§ Supplied data

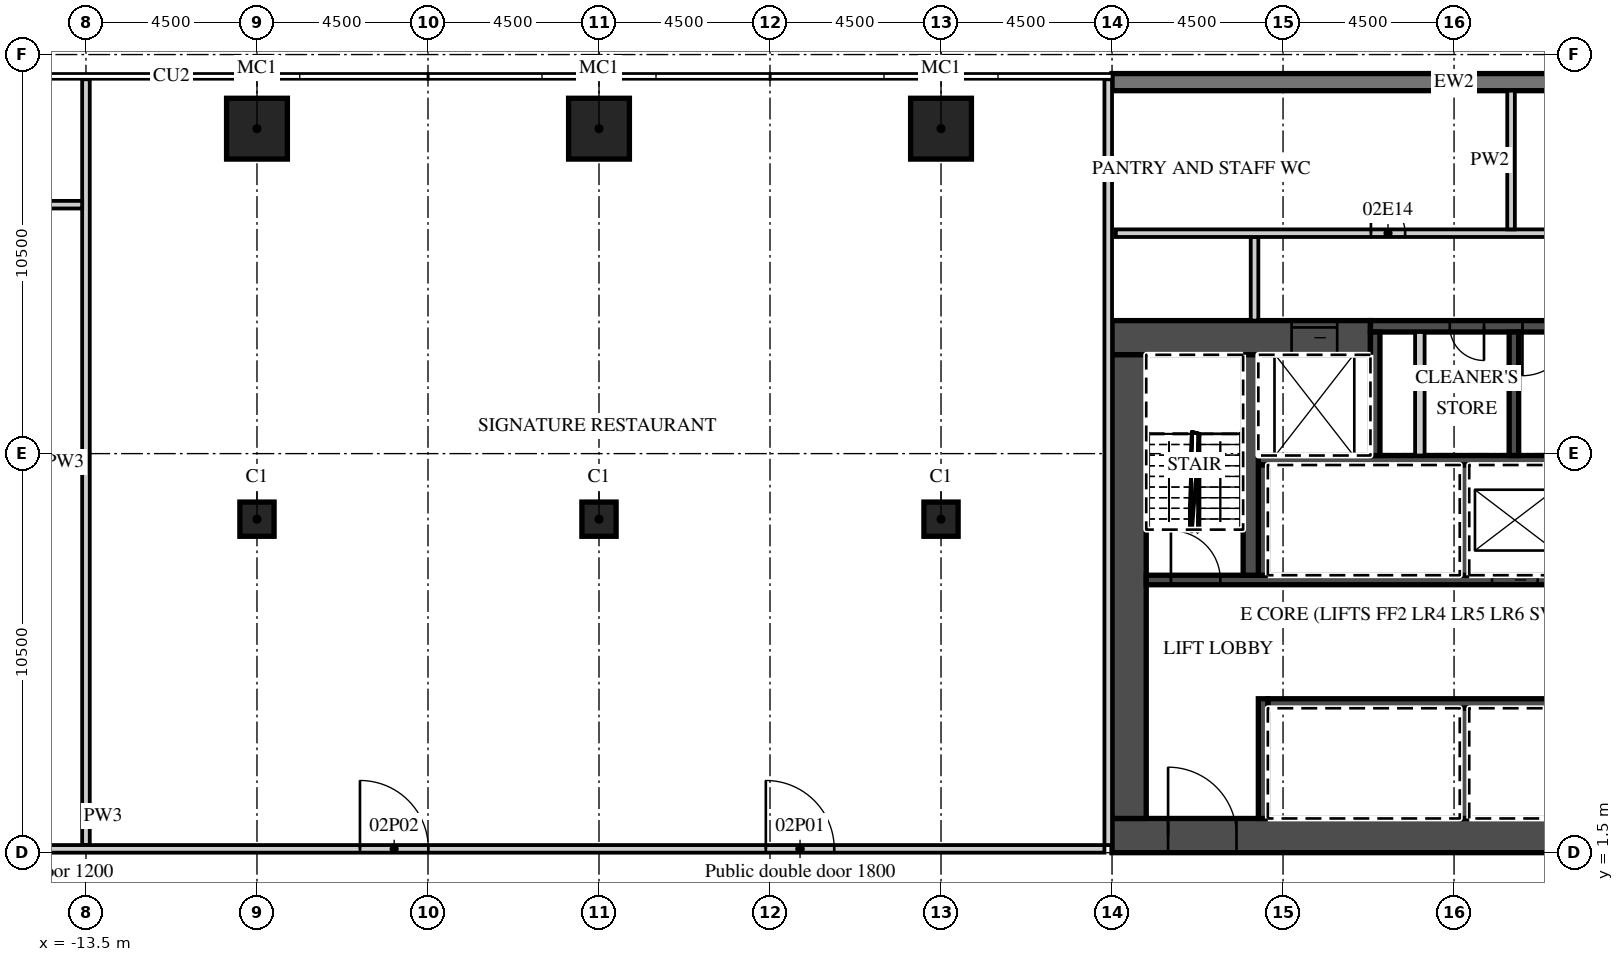
"""IFC4 building model, lengths in metres.
Left out: names, types, materials, properties, quantities, classifications, styles, units other than length and angle.
Written with IfcOpenShell. Run it as: python <this file> out.ifc"""

import sys

from ifc_helpers import new_model, si_unit, direction, frame, frame_2d, origin, origin_2d, place, context, subcontext, project, spatial, rectangle, extrude, element, fill, save


model = new_model("IFC4")
c1 = context("Model", 3, precision=1e-05, world=origin(), true_north=direction((0.0, 1.0)))
c2 = subcontext(c1, "Body", "Model", "MODEL_VIEW")
j1 = project(units=[si_unit("LENGTHUNIT", "METRE"), si_unit("PLANEANGLEUNIT", "RADIAN")], contexts=[c1])
p1 = place(None, origin())
s1 = spatial("IfcSite", under=j1, at=p1, CompositionType="ELEMENT")
p2 = place(p1, origin())
s2 = spatial("IfcBuilding", under=s1, at=p2, CompositionType="ELEMENT")
p3 = place(p2, frame((0.0, 0.0, 17.0)))
s3 = spatial("IfcBuildingStorey", under=s2, at=p3, CompositionType="ELEMENT", Elevation=17.0)
for number, where, z_axis, x_axis in (
    (1, (-9.0, 20.55, 0.0), (0.0, 0.0, 1.0), (1.0, 0.0, 0.0)),
    (2, (0.0, 20.55, 0.0), (0.0, 0.0, 1.0), (1.0, 0.0, 0.0)),
    (3, (9.0, 20.55, 0.0), (0.0, 0.0, 1.0), (1.0, 0.0, 0.0)),
):
    element("IfcColumn", number, at=place(p3, frame(where, z_axis=z_axis, x_axis=x_axis)), inside=s3, PredefinedType="COLUMN", context=c2, shape_type="SweptSolid", body=[
        extrude(rectangle(XDim=1.6, YDim=1.6, at=origin_2d()), origin(), (0.0, 0.0, 1.0), 6.5),
    ])
for number, where, z_axis, x_axis in (
    (4, (-9.0, 10.275, 0.0), (0.0, 0.0, 1.0), (1.0, 0.0, 0.0)),
    (5, (0.0, 10.275, 0.0), (0.0, 0.0, 1.0), (1.0, 0.0, 0.0)),
    (6, (9.0, 10.275, 0.0), (0.0, 0.0, 1.0), (1.0, 0.0, 0.0)),
):
    element("IfcColumn", number, at=place(p3, frame(where, z_axis=z_axis, x_axis=x_axis)), inside=s3, PredefinedType="COLUMN", context=c2, shape_type="SweptSolid", body=[
        extrude(rectangle(XDim=0.9, YDim=0.9, at=origin_2d()), origin(), (0.0, 0.0, 1.0), 6.5),
    ])
p4 = place(p3, frame((31.5, 21.775, 0.0), z_axis=(0.0, 0.0, 1.0), x_axis=(-1.0, 0.0, 0.0)))
e7 = element("IfcWall", 7, at=p4, inside=s3, PredefinedType="SOLIDWALL", context=c2, shape_type="SweptSolid", body=[
    extrude(rectangle(XDim=18.0, YDim=0.45, at=frame_2d((9.0, 0.0))), origin(), (0.0, 0.0, 1.0), 6.05),
])
p5 = place(p3, frame((13.5, 1.95, 0.0), z_axis=(0.0, 0.0, 1.0), x_axis=(1.0, 0.0, 0.0)))
e8 = element("IfcWall", 8, at=p5, inside=s3, PredefinedType="SHEAR", context=c2, shape_type="SweptSolid", body=[
    extrude(rectangle(XDim=18.0, YDim=0.9, at=frame_2d((9.0, 0.0))), origin(), (0.0, 0.0, 1.0), 6.05),
])
p6 = place(p5, frame((1.475, 0.0, 0.0)))
e9 = element("IfcOpeningElement", 9, at=p6, cuts=e8, PredefinedType="OPENING", context=c2, shape_type="SweptSolid", body=[
    extrude(rectangle(XDim=1.8, YDim=2.1, at=frame_2d((0.9, 1.05))), frame((0.0, 0.46, 0.0), z_axis=(0.0, -1.0, 0.0), x_axis=(1.0, 0.0, 0.0)), (0.0, 0.0, 1.0), 0.92),
])
p7 = place(p3, frame((13.5, 15.05, 0.0), z_axis=(0.0, 0.0, 1.0), x_axis=(1.0, 0.0, 0.0)))
e10 = element("IfcWall", 10, at=p7, inside=s3, PredefinedType="SHEAR", context=c2, shape_type="SweptSolid", body=[
    extrude(rectangle(XDim=6.8, YDim=0.9, at=frame_2d((3.4, 0.0))), origin(), (0.0, 0.0, 1.0), 6.05),
])
p8 = place(p7, frame((4.725, 0.0, 0.0)))
e11 = element("IfcOpeningElement", 11, at=p8, cuts=e10, PredefinedType="OPENING", context=c2, shape_type="SweptSolid", body=[
    extrude(rectangle(XDim=1.2, YDim=2.1, at=frame_2d((0.6, 1.05))), frame((0.0, 0.46, 0.0), z_axis=(0.0, -1.0, 0.0), x_axis=(1.0, 0.0, 0.0)), (0.0, 0.0, 1.0), 0.92),
])
p9 = place(p3, frame((20.3, 15.35, 0.0), z_axis=(0.0, 0.0, 1.0), x_axis=(1.0, 0.0, 0.0)))
e12 = element("IfcWall", 12, at=p9, inside=s3, PredefinedType="SHEAR", context=c2, shape_type="SweptSolid", body=[
    extrude(rectangle(XDim=10.3, YDim=0.3, at=frame_2d((5.15, 0.0))), origin(), (0.0, 0.0, 1.0), 6.05),
])
p10 = place(p9, frame((4.0, 0.0, 0.0)))
e13 = element("IfcOpeningElement", 13, at=p10, cuts=e12, PredefinedType="OPENING", context=c2, shape_type="SweptSolid", body=[
    extrude(rectangle(XDim=1.3, YDim=2.1, at=frame_2d((0.65, 1.05))), frame((0.0, 0.16, 0.0), z_axis=(0.0, -1.0, 0.0), x_axis=(1.0, 0.0, 0.0)), (0.0, 0.0, 1.0), 0.32),
])
p11 = place(p9, frame((2.087, 0.0, 0.0)))
e14 = element("IfcOpeningElement", 14, at=p11, cuts=e12, PredefinedType="OPENING", context=c2, shape_type="SweptSolid", body=[
    extrude(rectangle(XDim=0.9, YDim=2.1, at=frame_2d((0.45, 1.05))), frame((0.0, 0.16, 0.0), z_axis=(0.0, -1.0, 0.0), x_axis=(1.0, 0.0, 0.0)), (0.0, 0.0, 1.0), 0.32),
])
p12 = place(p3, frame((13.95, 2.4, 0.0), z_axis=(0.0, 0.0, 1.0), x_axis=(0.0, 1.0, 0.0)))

§ Exercise goal
When you copy the lines above, drop the pictures and keep everything else exact.

§ Task output
"""IFC4 building model, lengths in metres.
Left out: names, types, materials, properties, quantities, classifications, styles, units other than length and angle.
Written with IfcOpenShell. Run it as: python <this file> out.ifc"""

import sys

from ifc_helpers import new_model, si_unit, direction, frame, frame_2d, origin, origin_2d, place, context, subcontext, project, spatial, rectangle, extrude, element, fill, save


model = new_model("IFC4")
c1 = context("Model", 3, precision=1e-05, world=origin(), true_north=direction((0.0, 1.0)))
c2 = subcontext(c1, "Body", "Model", "MODEL_VIEW")
j1 = project(units=[si_unit("LENGTHUNIT", "METRE"), si_unit("PLANEANGLEUNIT", "RADIAN")], contexts=[c1])
p1 = place(None, origin())
s1 = spatial("IfcSite", under=j1, at=p1, CompositionType="ELEMENT")
p2 = place(p1, origin())
s2 = spatial("IfcBuilding", under=s1, at=p2, CompositionType="ELEMENT")
p3 = place(p2, frame((0.0, 0.0, 17.0)))
s3 = spatial("IfcBuildingStorey", under=s2, at=p3, CompositionType="ELEMENT", Elevation=17.0)
for number, where, z_axis, x_axis in (
    (1, (-9.0, 20.55, 0.0), (0.0, 0.0, 1.0), (1.0, 0.0, 0.0)),
    (2, (0.0, 20.55, 0.0), (0.0, 0.0, 1.0), (1.0, 0.0, 0.0)),
    (3, (9.0, 20.55, 0.0), (0.0, 0.0, 1.0), (1.0, 0.0, 0.0)),
):
    element("IfcColumn", number, at=place(p3, frame(where, z_axis=z_axis, x_axis=x_axis)), inside=s3, PredefinedType="COLUMN", context=c2, shape_type="SweptSolid", body=[
        extrude(rectangle(XDim=1.6, YDim=1.6, at=origin_2d()), origin(), (0.0, 0.0, 1.0), 6.5),
    ])
for number, where, z_axis, x_axis in (
    (4, (-9.0, 10.275, 0.0), (0.0, 0.0, 1.0), (1.0, 0.0, 0.0)),
    (5, (0.0, 10.275, 0.0), (0.0, 0.0, 1.0), (1.0, 0.0, 0.0)),
    (6, (9.0, 10.275, 0.0), (0.0, 0.0, 1.0), (1.0, 0.0, 0.0)),
):
    element("IfcColumn", number, at=place(p3, frame(where, z_axis=z_axis, x_axis=x_axis)), inside=s3, PredefinedType="COLUMN", context=c2, shape_type="SweptSolid", body=[
        extrude(rectangle(XDim=0.9, YDim=0.9, at=origin_2d()), origin(), (0.0, 0.0, 1.0), 6.5),
    ])
p4 = place(p3, frame((31.5, 21.775, 0.0), z_axis=(0.0, 0.0, 1.0), x_axis=(-1.0, 0.0, 0.0)))
e7 = element("IfcWall", 7, at=p4, inside=s3, PredefinedType="SOLIDWALL", context=c2, shape_type="SweptSolid", body=[
    extrude(rectangle(XDim=18.0, YDim=0.45, at=frame_2d((9.0, 0.0))), origin(), (0.0, 0.0, 1.0), 6.05),
])
p5 = place(p3, frame((13.5, 1.95, 0.0), z_axis=(0.0, 0.0, 1.0), x_axis=(1.0, 0.0, 0.0)))
e8 = element("IfcWall", 8, at=p5, inside=s3, PredefinedType="SHEAR", context=c2, shape_type="SweptSolid", body=[
    extrude(rectangle(XDim=18.0, YDim=0.9, at=frame_2d((9.0, 0.0))), origin(), (0.0, 0.0, 1.0), 6.05),
])
p6 = place(p5, frame((1.475, 0.0, 0.0)))
e9 = element("IfcOpeningElement", 9, at=p6, cuts=e8, PredefinedType="OPENING", context=c2, shape_type="SweptSolid", body=[
    extrude(rectangle(XDim=1.8, YDim=2.1, at=frame_2d((0.9, 1.05))), frame((0.0, 0.46, 0.0), z_axis=(0.0, -1.0, 0.0), x_axis=(1.0, 0.0, 0.0)), (0.0, 0.0, 1.0), 0.92),
])
p7 = place(p3, frame((13.5, 15.05, 0.0), z_axis=(0.0, 0.0, 1.0), x_axis=(1.0, 0.0, 0.0)))
e10 = element("IfcWall", 10, at=p7, inside=s3, PredefinedType="SHEAR", context=c2, shape_type="SweptSolid", body=[
    extrude(rectangle(XDim=6.8, YDim=0.9, at=frame_2d((3.4, 0.0))), origin(), (0.0, 0.0, 1.0), 6.05),
])
p8 = place(p7, frame((4.725, 0.0, 0.0)))
e11 = element("IfcOpeningElement", 11, at=p8, cuts=e10, PredefinedType="OPENING", context=c2, shape_type="SweptSolid", body=[
    extrude(rectangle(XDim=1.2, YDim=2.1, at=frame_2d((0.6, 1.05))), frame((0.0, 0.46, 0.0), z_axis=(0.0, -1.0, 0.0), x_axis=(1.0, 0.0, 0.0)), (0.0, 0.0, 1.0), 0.92),
])
p9 = place(p3, frame((20.3, 15.35, 0.0), z_axis=(0.0, 0.0, 1.0), x_axis=(1.0, 0.0, 0.0)))
e12 = element("IfcWall", 12, at=p9, inside=s3, PredefinedType="SHEAR", context=c2, shape_type="SweptSolid", body=[
    extrude(rectangle(XDim=10.3, YDim=0.3, at=frame_2d((5.15, 0.0))), origin(), (0.0, 0.0, 1.0), 6.05),
])
p10 = place(p9, frame((4.0, 0.0, 0.0)))
e13 = element("IfcOpeningElement", 13, at=p10, cuts=e12, PredefinedType="OPENING", context=c2, shape_type="SweptSolid", body=[
    extrude(rectangle(XDim=1.3, YDim=2.1, at=frame_2d((0.65, 1.05))), frame((0.0, 0.16, 0.0), z_axis=(0.0, -1.0, 0.0), x_axis=(1.0, 0.0, 0.0)), (0.0, 0.0, 1.0), 0.32),
])
p11 = place(p9, frame((2.087, 0.0, 0.0)))
e14 = element("IfcOpeningElement", 14, at=p11, cuts=e12, PredefinedType="OPENING", context=c2, shape_type="SweptSolid", body=[
    extrude(rectangle(XDim=0.9, YDim=2.1, at=frame_2d((0.45, 1.05))), frame((0.0, 0.16, 0.0), z_axis=(0.0, -1.0, 0.0), x_axis=(1.0, 0.0, 0.0)), (0.0, 0.0, 1.0), 0.32),
])
p12 = place(p3, frame((13.95, 2.4, 0.0), z_axis=(0.0, 0.0, 1.0), x_axis=(0.0, 1.0, 0.0)))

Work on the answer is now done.